[Opening RECORDS SHOWN section]
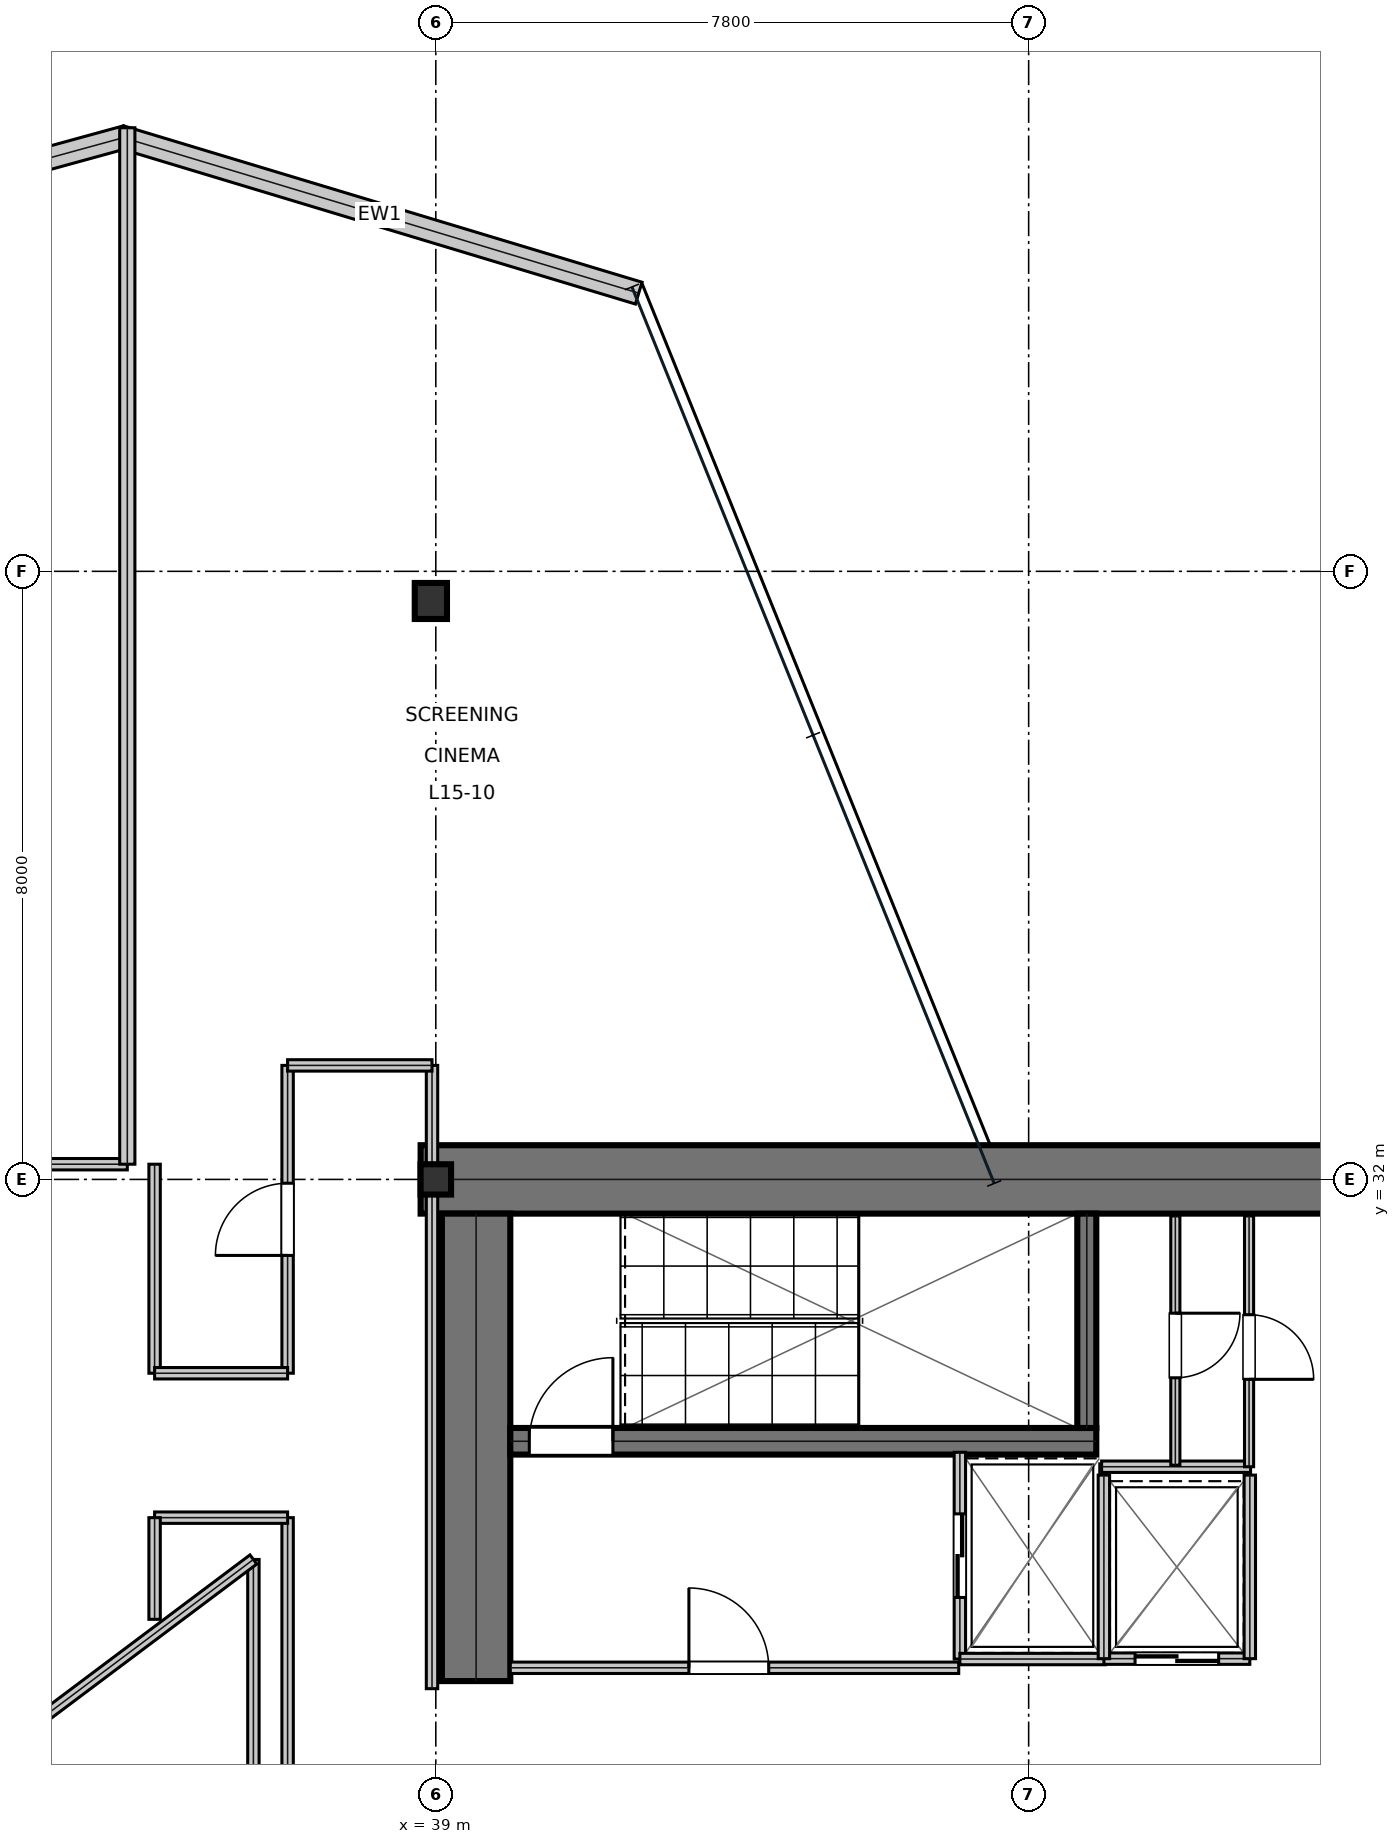
"""IFC4 building model, lengths in metres.
Left out: names, types, materials, properties, quantities, classifications, styles, units other than length and angle.
Written with IfcOpenShell. Run it as: python <this file> out.ifc"""

import sys

from ifc_helpers import new_model, si_unit, direction, frame, frame_2d, origin, origin_2d, place, context, subcontext, project, spatial, rectangle, i_section, extrude, element, fill, save


model = new_model("IFC4")
c1 = context("Model", 3, precision=1e-05, world=origin(), true_north=direction((0.0, 1.0)))
c2 = subcontext(c1, "Body", "Model", "MODEL_VIEW")
j1 = project(units=[si_unit("LENGTHUNIT", "METRE"), si_unit("PLANEANGLEUNIT", "RADIAN")], contexts=[c1])
p1 = place(None, origin())
s1 = spatial("IfcSite", under=j1, at=p1, CompositionType="ELEMENT")
p2 = place(p1, origin())
s2 = spatial("IfcBuilding", under=s1, at=p2, CompositionType="ELEMENT")
p3 = place(p2, frame((0.0, 0.0, 70.2)))
s3 = spatial("IfcBuildingStorey", under=s2, at=p3, CompositionType="ELEMENT", Elevation=70.2)
p4 = place(p3, frame((38.8, 32.0, 0.0), z_axis=(0.0, 0.0, 1.0), x_axis=(1.0, 0.0, 0.0)))
e1 = element("IfcWall", 1, at=p4, inside=s3, PredefinedType="SHEAR", context=c2, shape_type="SweptSolid", body=[
    extrude(rectangle(XDim=16.0, YDim=0.9, at=frame_2d((8.0, 0.0))), origin(), (0.0, 0.0, 1.0), 3.81),
])
p5 = place(p3, frame((39.53, 25.4, 0.0), z_axis=(0.0, 0.0, 1.0), x_axis=(0.0, 1.0, 0.0)))
e2 = element("IfcWall", 2, at=p5, inside=s3, PredefinedType="SHEAR", context=c2, shape_type="SweptSolid", body=[
    extrude(rectangle(XDim=6.15, YDim=0.9, at=frame_2d((3.075, 0.0))), origin(), (0.0, 0.0, 1.0), 3.81),
])
p6 = place(p3, frame((39.98, 28.555, 0.0), z_axis=(0.0, 0.0, 1.0), x_axis=(1.0, 0.0, 0.0)))
e3 = element("IfcWall", 3, at=p6, inside=s3, PredefinedType="SHEAR", context=c2, shape_type="SweptSolid", body=[
    extrude(rectangle(XDim=7.71, YDim=0.35, at=frame_2d((3.855, 0.0))), origin(), (0.0, 0.0, 1.0), 3.81),
])
p7 = place(p6, frame((0.25, 0.0, 0.0)))
e4 = element("IfcOpeningElement", 4, at=p7, cuts=e3, PredefinedType="OPENING", context=c2, shape_type="SweptSolid", body=[
    extrude(rectangle(XDim=1.1, YDim=2.15, at=frame_2d((0.55, 1.075))), frame((0.0, 0.185, 0.0), z_axis=(0.0, -1.0, 0.0), x_axis=(1.0, 0.0, 0.0)), (0.0, 0.0, 1.0), 0.37),
])
p8 = place(p3, frame((47.565, 28.73, 0.0), z_axis=(0.0, 0.0, 1.0), x_axis=(0.0, 1.0, 0.0)))
e5 = element("IfcWall", 5, at=p8, inside=s3, PredefinedType="SHEAR", context=c2, shape_type="SweptSolid", body=[
    extrude(rectangle(XDim=2.82, YDim=0.25, at=frame_2d((1.41, 0.0))), origin(), (0.0, 0.0, 1.0), 3.81),
])
p9 = place(p3, frame((39.0, 32.0, 0.0), z_axis=(0.0, 0.0, 1.0), x_axis=(1.0, 0.0, 0.0)))
e6 = element("IfcColumn", 6, at=p9, inside=s3, PredefinedType="COLUMN", context=c2, shape_type="SweptSolid", body=[
    extrude(i_section(OverallWidth=0.401, OverallDepth=0.399, WebThickness=0.025, FlangeThickness=0.04, at=origin_2d()), origin(), (0.0, 0.0, 1.0), 4.044),
])
p10 = place(p3, frame((38.935, 39.61, 0.016), z_axis=(-0.006254246892, -0.037343318823, 0.999282923368), x_axis=(0.986263587143, -0.165179104839, 0.0)))
e7 = element("IfcColumn", 7, at=p10, inside=s3, PredefinedType="COLUMN", context=c2, shape_type="SweptSolid", body=[
    extrude(i_section(OverallWidth=0.424, OverallDepth=0.474, WebThickness=0.048, FlangeThickness=0.077, at=origin_2d()), origin(), (0.0, 0.0, 1.0), 4.021),
])
p11 = place(p3, frame((41.67, 43.66, 0.0), z_axis=(0.0, 0.0, 1.0), x_axis=(-0.957387451844, 0.288806625707, 0.0)))
e8 = element("IfcWall", 8, at=p11, inside=s3, PredefinedType="STANDARD", context=c2, shape_type="SweptSolid", body=[
    extrude(rectangle(XDim=7.123, YDim=0.3, at=frame_2d((3.562, 0.0))), origin(), (0.0, 0.0, 1.0), 3.81),
])
p12 = place(p3, frame((34.928, 45.716, 0.0), z_axis=(0.0, 0.0, 1.0), x_axis=(-0.96439075506, -0.264481514581, 0.0)))
e9 = element("IfcWall", 9, at=p12, inside=s3, PredefinedType="STANDARD", context=c2, shape_type="SweptSolid", body=[
    extrude(rectangle(XDim=7.071, YDim=0.3, at=frame_2d((3.535, 0.0))), origin(), (0.0, 0.0, 1.0), 3.81),
])
p13 = place(p3, frame((39.98, 25.575, 0.0), z_axis=(0.0, 0.0, 1.0), x_axis=(1.0, 0.0, 0.0)))
e10 = element("IfcWall", 10, at=p13, inside=s3, PredefinedType="PARTITIONING", context=c2, shape_type="SweptSolid", body=[
    extrude(rectangle(XDim=5.9, YDim=0.15, at=frame_2d((2.95, 0.0))), origin(), (0.0, 0.0, 1.0), 3.81),
])
p14 = place(p13, frame((2.35, 0.0, 0.0)))
e11 = element("IfcOpeningElement", 11, at=p14, cuts=e10, PredefinedType="OPENING", context=c2, shape_type="SweptSolid", body=[
    extrude(rectangle(XDim=1.05, YDim=2.15, at=frame_2d((0.525, 1.075))), frame((0.0, 0.085, 0.0), z_axis=(0.0, -1.0, 0.0), x_axis=(1.0, 0.0, 0.0)), (0.0, 0.0, 1.0), 0.17),
])
p15 = place(p3, frame((45.895, 25.69, 0.0), z_axis=(0.0, 0.0, 1.0), x_axis=(0.0, 1.0, 0.0)))
e12 = element("IfcWall", 12, at=p15, inside=s3, PredefinedType="PARTITIONING", context=c2, shape_type="SweptSolid", body=[
    extrude(rectangle(XDim=2.72, YDim=0.15, at=frame_2d((1.36, 0.0))), origin(), (0.0, 0.0, 1.0), 3.81),
])
p16 = place(p15, frame((0.81, 0.0, 0.0)))
e13 = element("IfcOpeningElement", 13, at=p16, cuts=e12, PredefinedType="OPENING", context=c2, shape_type="SweptSolid", body=[
    extrude(rectangle(XDim=1.1, YDim=2.15, at=frame_2d((0.55, 1.075))), frame((0.0, 0.085, 0.0), z_axis=(0.0, -1.0, 0.0), x_axis=(1.0, 0.0, 0.0)), (0.0, 0.0, 1.0), 0.17),
])
p17 = place(p3, frame((45.895, 25.69, 0.0), z_axis=(0.0, 0.0, 1.0), x_axis=(1.0, 0.0, 0.0)))
e14 = element("IfcWall", 14, at=p17, inside=s3, PredefinedType="PARTITIONING", context=c2, shape_type="SweptSolid", body=[
    extrude(rectangle(XDim=1.915, YDim=0.15, at=frame_2d((0.958, 0.0))), origin(), (0.0, 0.0, 1.0), 3.81),
])
p18 = place(p3, frame((47.79, 25.695, 0.0), z_axis=(0.0, 0.0, 1.0), x_axis=(1.0, 0.0, 0.0)))
e15 = element("IfcWall", 15, at=p18, inside=s3, PredefinedType="PARTITIONING", context=c2, shape_type="SweptSolid", body=[
    extrude(rectangle(XDim=1.92, YDim=0.15, at=frame_2d((0.96, 0.0))), origin(), (0.0, 0.0, 1.0), 3.81),
])
p19 = place(p18, frame((0.41, 0.0, 0.0)))
e16 = element("IfcOpeningElement", 16, at=p19, cuts=e15, PredefinedType="OPENING", context=c2, shape_type="SweptSolid", body=[
    extrude(rectangle(XDim=1.1, YDim=2.15, at=frame_2d((0.55, 1.075))), frame((0.0, 0.085, 0.0), z_axis=(0.0, -1.0, 0.0), x_axis=(1.0, 0.0, 0.0)), (0.0, 0.0, 1.0), 0.17),
])
for number, where, z_axis, x_axis in (
    (17, (47.79, 25.695, 0.0), (0.0, 0.0, 1.0), (0.0, 1.0, 0.0)),
    (18, (49.71, 25.695, 0.0), (0.0, 0.0, 1.0), (0.0, 1.0, 0.0)),
):
    element("IfcWall", number, at=place(p3, frame(where, z_axis=z_axis, x_axis=x_axis)), inside=s3, PredefinedType="PARTITIONING", context=c2, shape_type="SweptSolid", body=[
        extrude(rectangle(XDim=2.415, YDim=0.15, at=frame_2d((1.208, 0.0))), origin(), (0.0, 0.0, 1.0), 3.81),
    ])
p20 = place(p3, frame((47.76, 28.22, 0.0), z_axis=(0.0, 0.0, 1.0), x_axis=(1.0, 0.0, 0.0)))
e19 = element("IfcWall", 19, at=p20, inside=s3, PredefinedType="PARTITIONING", context=c2, shape_type="SweptSolid", body=[
    extrude(rectangle(XDim=1.96, YDim=0.15, at=frame_2d((0.98, 0.0))), origin(), (0.0, 0.0, 1.0), 3.81),
])
p21 = place(p3, frame((48.73, 28.24, 0.0), z_axis=(0.0, 0.0, 1.0), x_axis=(0.0, 1.0, 0.0)))
e20 = element("IfcWall", 20, at=p21, inside=s3, PredefinedType="PARTITIONING", context=c2, shape_type="SweptSolid", body=[
    extrude(rectangle(XDim=3.28, YDim=0.12, at=frame_2d((1.64, 0.0))), origin(), (0.0, 0.0, 1.0), 3.81),
])
p22 = place(p21, frame((1.15, 0.0, 0.0)))
e21 = element("IfcOpeningElement", 21, at=p22, cuts=e20, PredefinedType="OPENING", context=c2, shape_type="SweptSolid", body=[
    extrude(rectangle(XDim=0.85, YDim=2.15, at=frame_2d((0.425, 1.075))), frame((0.0, 0.07, 0.0), z_axis=(0.0, -1.0, 0.0), x_axis=(1.0, 0.0, 0.0)), (0.0, 0.0, 1.0), 0.14),
])
p23 = place(p3, frame((49.7, 28.22, 0.0), z_axis=(0.0, 0.0, 1.0), x_axis=(0.0, 1.0, 0.0)))
e22 = element("IfcWall", 22, at=p23, inside=s3, PredefinedType="PARTITIONING", context=c2, shape_type="SweptSolid", body=[
    extrude(rectangle(XDim=3.3, YDim=0.12, at=frame_2d((1.65, 0.0))), origin(), (0.0, 0.0, 1.0), 3.81),
])
p24 = place(p23, frame((1.15, 0.0, 0.0)))
e23 = element("IfcOpeningElement", 23, at=p24, cuts=e22, PredefinedType="OPENING", context=c2, shape_type="SweptSolid", body=[
    extrude(rectangle(XDim=0.85, YDim=2.15, at=frame_2d((0.425, 1.075))), frame((0.0, 0.07, 0.0), z_axis=(0.0, -1.0, 0.0), x_axis=(1.0, 0.0, 0.0)), (0.0, 0.0, 1.0), 0.14),
])
p25 = place(p3, frame((37.05, 14.5, 0.0), z_axis=(0.0, 0.0, 1.0), x_axis=(0.0, 1.0, 0.0)))
e24 = element("IfcWall", 24, at=p25, inside=s3, PredefinedType="PARTITIONING", context=c2, shape_type="SweptSolid", body=[
    extrude(rectangle(XDim=13.05, YDim=0.15, at=frame_2d((6.525, 0.0))), origin(), (0.0, 0.0, 1.0), 3.181),
])
p26 = place(p25, frame((4.61, 0.0, 0.0)))
e25 = element("IfcOpeningElement", 25, at=p26, cuts=e24, PredefinedType="OPENING", context=c2, shape_type="SweptSolid", body=[
    extrude(rectangle(XDim=0.95, YDim=2.15, at=frame_2d((0.475, 1.075))), frame((0.0, 0.085, 0.0), z_axis=(0.0, -1.0, 0.0), x_axis=(1.0, 0.0, 0.0)), (0.0, 0.0, 1.0), 0.17),
])
p27 = place(p3, frame((37.05, 29.45, 0.0), z_axis=(0.0, 0.0, 1.0), x_axis=(0.0, 1.0, 0.0)))
e26 = element("IfcWall", 26, at=p27, inside=s3, PredefinedType="PARTITIONING", context=c2, shape_type="SweptSolid", body=[
    extrude(rectangle(XDim=4.05, YDim=0.15, at=frame_2d((2.025, 0.0))), origin(), (0.0, 0.0, 1.0), 3.181),
])
p28 = place(p27, frame((1.55, 0.0, 0.0)))
e27 = element("IfcOpeningElement", 27, at=p28, cuts=e26, PredefinedType="OPENING", context=c2, shape_type="SweptSolid", body=[
    extrude(rectangle(XDim=0.95, YDim=2.15, at=frame_2d((0.475, 1.075))), frame((0.0, 0.085, 0.0), z_axis=(0.0, -1.0, 0.0), x_axis=(1.0, 0.0, 0.0)), (0.0, 0.0, 1.0), 0.17),
])
p29 = place(p3, frame((35.3, 27.55, 0.0), z_axis=(0.0, 0.0, 1.0), x_axis=(1.0, 0.0, 0.0)))
e28 = element("IfcWall", 28, at=p29, inside=s3, PredefinedType="PARTITIONING", context=c2, shape_type="SweptSolid", body=[
    extrude(rectangle(XDim=1.75, YDim=0.15, at=frame_2d((0.875, 0.0))), origin(), (0.0, 0.0, 1.0), 3.391),
])
p30 = place(p3, frame((35.3, 26.212, 0.0), z_axis=(0.0, 0.0, 1.0), x_axis=(0.0, 1.0, 0.0)))
e29 = element("IfcWall", 29, at=p30, inside=s3, PredefinedType="PARTITIONING", context=c2, shape_type="SweptSolid", body=[
    extrude(rectangle(XDim=1.338, YDim=0.15, at=frame_2d((0.669, 0.0))), origin(), (0.0, 0.0, 1.0), 3.81),
])
p31 = place(p3, frame((33.4, 32.2, 0.0), z_axis=(0.0, 0.0, 1.0), x_axis=(1.0, 0.0, 0.0)))
e30 = element("IfcWall", 30, at=p31, inside=s3, PredefinedType="PARTITIONING", context=c2, shape_type="SweptSolid", body=[
    extrude(rectangle(XDim=1.541, YDim=0.15, at=frame_2d((0.771, 0.0))), origin(), (0.0, 0.0, 1.0), 3.181),
])
p32 = place(p3, frame((38.95, 25.3, 0.0), z_axis=(0.0, 0.0, 1.0), x_axis=(0.0, 1.0, 0.0)))
e31 = element("IfcWall", 31, at=p32, inside=s3, PredefinedType="PARTITIONING", context=c2, shape_type="SweptSolid", body=[
    extrude(rectangle(XDim=8.2, YDim=0.15, at=frame_2d((4.1, 0.0))), origin(), (0.0, 0.0, 1.0), 3.181),
])
p33 = place(p3, frame((35.3, 29.45, 0.0), z_axis=(0.0, 0.0, 1.0), x_axis=(0.0, 1.0, 0.0)))
e32 = element("IfcWall", 32, at=p33, inside=s3, PredefinedType="PARTITIONING", context=c2, shape_type="SweptSolid", body=[
    extrude(rectangle(XDim=2.75, YDim=0.15, at=frame_2d((1.375, 0.0))), origin(), (0.0, 0.0, 1.0), 3.181),
])
p34 = place(p3, frame((37.05, 33.5, 0.0), z_axis=(0.0, 0.0, 1.0), x_axis=(1.0, 0.0, 0.0)))
e33 = element("IfcWall", 33, at=p34, inside=s3, PredefinedType="PARTITIONING", context=c2, shape_type="SweptSolid", body=[
    extrude(rectangle(XDim=1.9, YDim=0.15, at=frame_2d((0.95, 0.0))), origin(), (0.0, 0.0, 1.0), 3.81),
])
p35 = place(p3, frame((35.3, 29.45, 0.0), z_axis=(0.0, 0.0, 1.0), x_axis=(1.0, 0.0, 0.0)))
e34 = element("IfcWall", 34, at=p35, inside=s3, PredefinedType="PARTITIONING", context=c2, shape_type="SweptSolid", body=[
    extrude(rectangle(XDim=1.75, YDim=0.15, at=frame_2d((0.875, 0.0))), origin(), (0.0, 0.0, 1.0), 3.81),
])
p36 = place(p3, frame((34.941, 32.2, 0.0), z_axis=(0.0, 0.0, 1.0), x_axis=(0.0, 1.0, 0.0)))
e35 = element("IfcWall", 35, at=p36, inside=s3, PredefinedType="SOLIDWALL", context=c2, shape_type="SweptSolid", body=[
    extrude(rectangle(XDim=13.636, YDim=0.2, at=frame_2d((6.818, 0.0))), origin(), (0.0, 0.0, 1.0), 3.338),
])
p37 = place(p3, frame((36.6, 21.0, 0.0), z_axis=(0.0, 0.0, 1.0), x_axis=(0.0, 1.0, 0.0)))
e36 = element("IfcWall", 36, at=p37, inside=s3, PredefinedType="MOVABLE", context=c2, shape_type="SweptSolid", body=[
[Closing RECORDS SHOWN section]
▸ **EXERCISE**
Where a line of the entries contains the word "project", copy that line.

▸ **RESPONSE FOR THIS EXERCISE**
from ifc_helpers import new_model, si_unit, direction, frame, frame_2d, origin, origin_2d, place, context, subcontext, project, spatial, rectangle, i_section, extrude, element, fill, save
j1 = project(units=[si_unit("LENGTHUNIT", "METRE"), si_unit("PLANEANGLEUNIT", "RADIAN")], contexts=[c1])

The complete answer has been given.